**THE PROBLEM:** Wherever a line of the data contains "number", copy that line.

Stored records
....
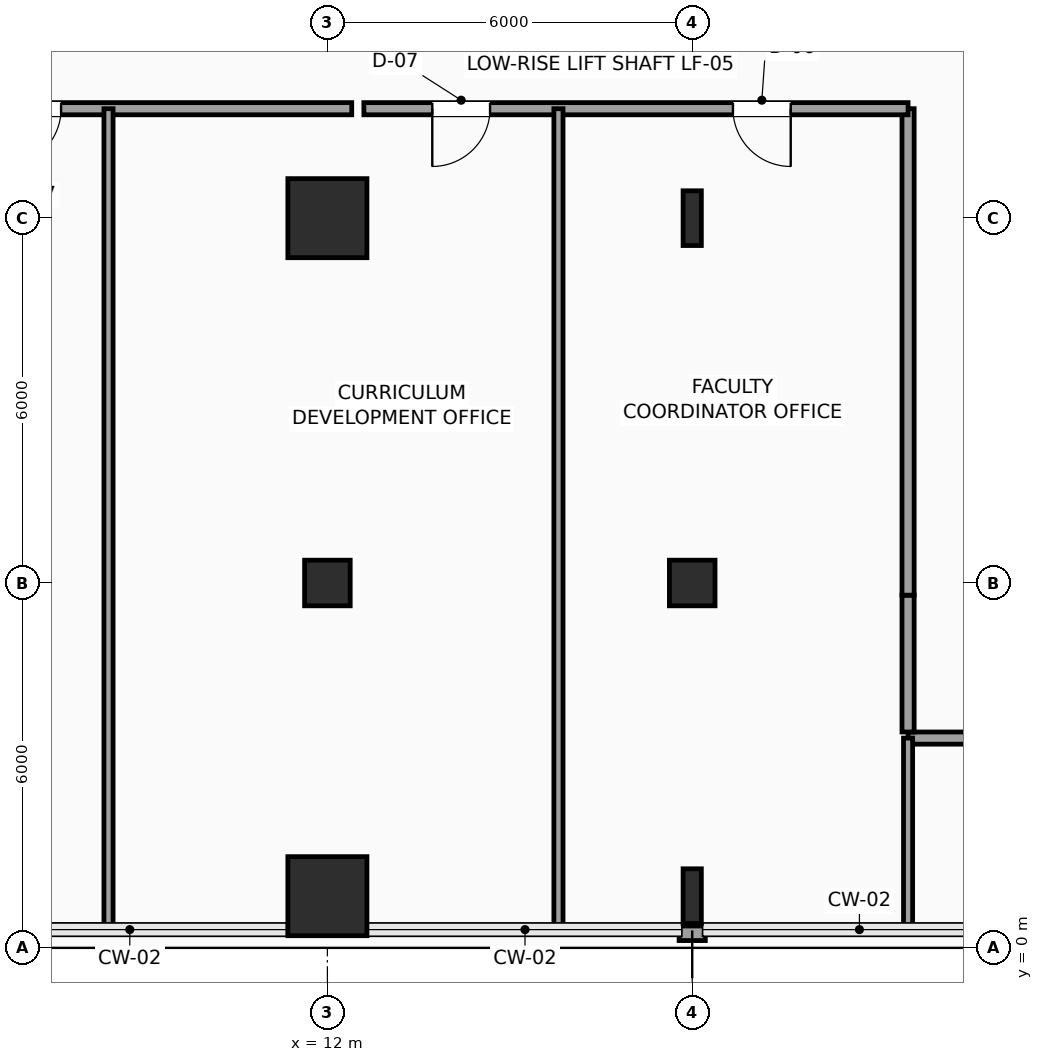
"""IFC4 building model, lengths in metres.
Left out: names, types, materials, properties, quantities, classifications, styles, units other than length and angle.
Written with IfcOpenShell. Run it as: python <this file> out.ifc"""

import sys

from ifc_helpers import new_model, si_unit, direction, frame, frame_2d, origin, origin_2d, place, context, subcontext, project, spatial, rectangle, hollow_rectangle, i_section, extrude, element, fill, save


model = new_model("IFC4")
c1 = context("Model", 3, precision=1e-05, world=origin(), true_north=direction((0.0, 1.0)))
c2 = subcontext(c1, "Body", "Model", "MODEL_VIEW")
j1 = project(units=[si_unit("LENGTHUNIT", "METRE"), si_unit("PLANEANGLEUNIT", "RADIAN")], contexts=[c1])
p1 = place(None, origin())
s1 = spatial("IfcSite", under=j1, at=p1, CompositionType="ELEMENT")
p2 = place(p1, origin())
s2 = spatial("IfcBuilding", under=s1, at=p2, CompositionType="ELEMENT")
p3 = place(p2, frame((0.0, 0.0, 55.8)))
s3 = spatial("IfcBuildingStorey", under=s2, at=p3, CompositionType="ELEMENT", Elevation=55.8)
p4 = place(p3, frame((12.0, 0.85, 0.0), z_axis=(0.0, 0.0, 1.0), x_axis=(1.0, 0.0, 0.0)))
e1 = element("IfcColumn", 1, at=p4, inside=s3, PredefinedType="COLUMN", context=c2, shape_type="SweptSolid", body=[
    extrude(rectangle(XDim=1.3, YDim=1.3, at=origin_2d()), origin(), (0.0, 0.0, 1.0), 3.9),
])
p5 = place(p3, frame((12.0, 6.0, 0.0), z_axis=(0.0, 0.0, 1.0), x_axis=(1.0, 0.0, 0.0)))
e2 = element("IfcColumn", 2, at=p5, inside=s3, PredefinedType="COLUMN", context=c2, shape_type="SweptSolid", body=[
    extrude(hollow_rectangle(XDim=0.75, YDim=0.75, WallThickness=0.035, InnerFilletRadius=0.035, OuterFilletRadius=0.05, at=origin_2d()), origin(), (0.0, 0.0, 1.0), 3.9),
])
p6 = place(p3, frame((12.0, 12.0, 0.0), z_axis=(0.0, 0.0, 1.0), x_axis=(1.0, 0.0, 0.0)))
e3 = element("IfcColumn", 3, at=p6, inside=s3, PredefinedType="COLUMN", context=c2, shape_type="SweptSolid", body=[
    extrude(rectangle(XDim=1.3, YDim=1.3, at=origin_2d()), origin(), (0.0, 0.0, 1.0), 3.9),
])
p7 = place(p3, frame((18.0, 0.85, 0.0), z_axis=(0.0, 0.0, 1.0), x_axis=(1.0, 0.0, 0.0)))
e4 = element("IfcColumn", 4, at=p7, inside=s3, PredefinedType="COLUMN", context=c2, shape_type="SweptSolid", body=[
    extrude(i_section(OverallWidth=0.3, OverallDepth=0.9, WebThickness=0.019, FlangeThickness=0.035, FilletRadius=0.03, at=origin_2d()), origin(), (0.0, 0.0, 1.0), 3.9),
])
p8 = place(p3, frame((18.0, 6.0, 0.0), z_axis=(0.0, 0.0, 1.0), x_axis=(1.0, 0.0, 0.0)))
e5 = element("IfcColumn", 5, at=p8, inside=s3, PredefinedType="COLUMN", context=c2, shape_type="SweptSolid", body=[
    extrude(hollow_rectangle(XDim=0.75, YDim=0.75, WallThickness=0.035, InnerFilletRadius=0.035, OuterFilletRadius=0.05, at=origin_2d()), origin(), (0.0, 0.0, 1.0), 3.9),
])
p9 = place(p3, frame((18.0, 12.0, 0.0), z_axis=(0.0, 0.0, 1.0), x_axis=(1.0, 0.0, 0.0)))
e6 = element("IfcColumn", 6, at=p9, inside=s3, PredefinedType="COLUMN", context=c2, shape_type="SweptSolid", body=[
    extrude(i_section(OverallWidth=0.3, OverallDepth=0.9, WebThickness=0.019, FlangeThickness=0.035, FilletRadius=0.03, at=origin_2d()), origin(), (0.0, 0.0, 1.0), 3.9),
])
p10 = place(p3, frame((18.215, 0.24, 0.0), z_axis=(0.0, 0.0, 1.0), x_axis=(-1.0, 0.0, 0.0)))
e7 = element("IfcWall", 7, at=p10, inside=s3, PredefinedType="SOLIDWALL", context=c2, shape_type="SweptSolid", body=[
    extrude(rectangle(XDim=0.43, YDim=0.24, at=frame_2d((0.215, 0.0))), origin(), (0.0, 0.0, 1.0), 3.65),
])
p11 = place(p3, frame((36.15, 3.45, 0.0), z_axis=(0.0, 0.0, 1.0), x_axis=(-1.0, 0.0, 0.0)))
e8 = element("IfcWall", 8, at=p11, inside=s3, PredefinedType="SOLIDWALL", context=c2, shape_type="SweptSolid", body=[
    extrude(rectangle(XDim=14.6, YDim=0.2, at=frame_2d((7.3, 0.0))), origin(), (0.0, 0.0, 1.0), 3.142),
])
p12 = place(p11, frame((11.3, 0.0, 0.0)))
e9 = element("IfcOpeningElement", 9, at=p12, cuts=e8, PredefinedType="OPENING", context=c2, shape_type="SweptSolid", body=[
    extrude(rectangle(XDim=0.95, YDim=2.15, at=frame_2d((0.475, 1.075))), frame((0.0, 0.11, 0.0), z_axis=(0.0, -1.0, 0.0), x_axis=(1.0, 0.0, 0.0)), (0.0, 0.0, 1.0), 0.22),
])
p13 = place(p11, frame((5.675, 0.0, 0.0)))
e10 = element("IfcOpeningElement", 10, at=p13, cuts=e8, PredefinedType="OPENING", context=c2, shape_type="SweptSolid", body=[
    extrude(rectangle(XDim=0.95, YDim=2.15, at=frame_2d((0.475, 1.075))), frame((0.0, 0.11, 0.0), z_axis=(0.0, -1.0, 0.0), x_axis=(1.0, 0.0, 0.0)), (0.0, 0.0, 1.0), 0.22),
])
p14 = place(p3, frame((21.55, 3.55, 0.0), z_axis=(0.0, 0.0, 1.0), x_axis=(0.0, 1.0, 0.0)))
e11 = element("IfcWall", 11, at=p14, inside=s3, PredefinedType="SOLIDWALL", context=c2, shape_type="SweptSolid", body=[
    extrude(rectangle(XDim=2.25, YDim=0.2, at=frame_2d((1.125, 0.0))), origin(), (0.0, 0.0, 1.0), 3.65),
])
p15 = place(p3, frame((21.55, 5.8, 0.0), z_axis=(0.0, 0.0, 1.0), x_axis=(0.0, 1.0, 0.0)))
e12 = element("IfcWall", 12, at=p15, inside=s3, PredefinedType="SOLIDWALL", context=c2, shape_type="SweptSolid", body=[
    extrude(rectangle(XDim=8.0, YDim=0.2, at=frame_2d((4.0, 0.0))), origin(), (0.0, 0.0, 1.0), 3.65),
])
p16 = place(p3, frame((21.55, 13.8, 0.0), z_axis=(0.0, 0.0, 1.0), x_axis=(-1.0, 0.0, 0.0)))
e13 = element("IfcWall", 13, at=p16, inside=s3, PredefinedType="SOLIDWALL", context=c2, shape_type="SweptSolid", body=[
    extrude(rectangle(XDim=8.95, YDim=0.2, at=frame_2d((4.475, 0.0))), origin(), (0.0, 0.0, 1.0), 3.65),
])
p17 = place(p16, frame((6.875, 0.0, 0.0)))
e14 = element("IfcOpeningElement", 14, at=p17, cuts=e13, PredefinedType="OPENING", context=c2, shape_type="SweptSolid", body=[
    extrude(rectangle(XDim=0.95, YDim=2.15, at=frame_2d((0.475, 1.075))), frame((0.0, 0.11, 0.0), z_axis=(0.0, -1.0, 0.0), x_axis=(1.0, 0.0, 0.0)), (0.0, 0.0, 1.0), 0.22),
])
p18 = place(p16, frame((1.93, 0.0, 0.0)))
e15 = element("IfcOpeningElement", 15, at=p18, cuts=e13, PredefinedType="OPENING", context=c2, shape_type="SweptSolid", body=[
    extrude(rectangle(XDim=0.95, YDim=2.15, at=frame_2d((0.475, 1.075))), frame((0.0, 0.11, 0.0), z_axis=(0.0, -1.0, 0.0), x_axis=(1.0, 0.0, 0.0)), (0.0, 0.0, 1.0), 0.22),
])
p19 = place(p3, frame((12.4, 13.8, 0.0), z_axis=(0.0, 0.0, 1.0), x_axis=(-1.0, 0.0, 0.0)))
e16 = element("IfcWall", 16, at=p19, inside=s3, PredefinedType="SOLIDWALL", context=c2, shape_type="SweptSolid", body=[
    extrude(rectangle(XDim=7.15, YDim=0.2, at=frame_2d((3.575, 0.0))), origin(), (0.0, 0.0, 1.0), 3.65),
])
p20 = place(p19, frame((4.78, 0.0, 0.0)))
e17 = element("IfcOpeningElement", 17, at=p20, cuts=e16, PredefinedType="OPENING", context=c2, shape_type="SweptSolid", body=[
    extrude(rectangle(XDim=0.95, YDim=2.15, at=frame_2d((0.475, 1.075))), frame((0.0, 0.11, 0.0), z_axis=(0.0, -1.0, 0.0), x_axis=(1.0, 0.0, 0.0)), (0.0, 0.0, 1.0), 0.22),
])
p21 = place(p3, frame((6.215, 0.314, 0.0), z_axis=(0.0, 0.0, 1.0), x_axis=(0.99998042128, -0.006257559905, 0.0)))
e18 = element("IfcWall", 18, at=p21, inside=s3, PredefinedType="PARTITIONING", context=c2, shape_type="SweptSolid", body=[
    extrude(rectangle(XDim=2.185, YDim=0.15, at=frame_2d((1.092, 0.0))), origin(), (0.0, 0.0, 1.0), 3.65),
])
for number, where, z_axis, x_axis in (
    (19, (8.4, 0.3, 0.0), (0.0, 0.0, 1.0), (0.0, 1.0, 0.0)),
    (20, (15.8, 0.3, 0.0), (0.0, 0.0, 1.0), (0.0, 1.0, 0.0)),
):
    element("IfcWall", number, at=place(p3, frame(where, z_axis=z_axis, x_axis=x_axis)), inside=s3, PredefinedType="PARTITIONING", context=c2, shape_type="SweptSolid", body=[
        extrude(rectangle(XDim=13.5, YDim=0.15, at=frame_2d((6.75, 0.0))), origin(), (0.0, 0.0, 1.0), 3.65),
    ])
p22 = place(p3, frame((21.55, 0.3, 0.0), z_axis=(0.0, 0.0, 1.0), x_axis=(0.0, 1.0, 0.0)))
e21 = element("IfcWall", 21, at=p22, inside=s3, PredefinedType="PARTITIONING", context=c2, shape_type="SweptSolid", body=[
    extrude(rectangle(XDim=3.15, YDim=0.15, at=frame_2d((1.575, 0.0))), origin(), (0.0, 0.0, 1.0), 3.65),
])
p23 = place(p17, origin())
e22 = element("IfcDoor", 22, at=p23, inside=s3, OperationType="SINGLE_SWING_RIGHT", PredefinedType="DOOR", context=c2, shape_type="SweptSolid", body=[
    extrude(rectangle(XDim=0.95, YDim=2.15, at=frame_2d((0.475, 1.075))), frame((0.0, 0.025, 0.0), z_axis=(0.0, -1.0, 0.0), x_axis=(1.0, 0.0, 0.0)), (0.0, 0.0, 1.0), 0.05),
])
fill(e14, e22)
p24 = place(p18, origin())
e23 = element("IfcDoor", 23, at=p24, inside=s3, OperationType="SINGLE_SWING_LEFT", PredefinedType="DOOR", context=c2, shape_type="SweptSolid", body=[
    extrude(rectangle(XDim=0.95, YDim=2.15, at=frame_2d((0.475, 1.075))), frame((0.0, 0.025, 0.0), z_axis=(0.0, -1.0, 0.0), x_axis=(1.0, 0.0, 0.0)), (0.0, 0.0, 1.0), 0.05),
])
fill(e15, e23)
p25 = place(p20, origin())
e24 = element("IfcDoor", 24, at=p25, inside=s3, OperationType="SINGLE_SWING_RIGHT", PredefinedType="DOOR", context=c2, shape_type="SweptSolid", body=[
    extrude(rectangle(XDim=0.95, YDim=2.15, at=frame_2d((0.475, 1.075))), frame((0.0, 0.025, 0.0), z_axis=(0.0, -1.0, 0.0), x_axis=(1.0, 0.0, 0.0)), (0.0, 0.0, 1.0), 0.05),
])
fill(e17, e24)
save(model, sys.argv[1])
....
**TASK ANSWER:**
for number, where, z_axis, x_axis in (
    element("IfcWall", number, at=place(p3, frame(where, z_axis=z_axis, x_axis=x_axis)), inside=s3, PredefinedType="PARTITIONING", context=c2, shape_type="SweptSolid", body=[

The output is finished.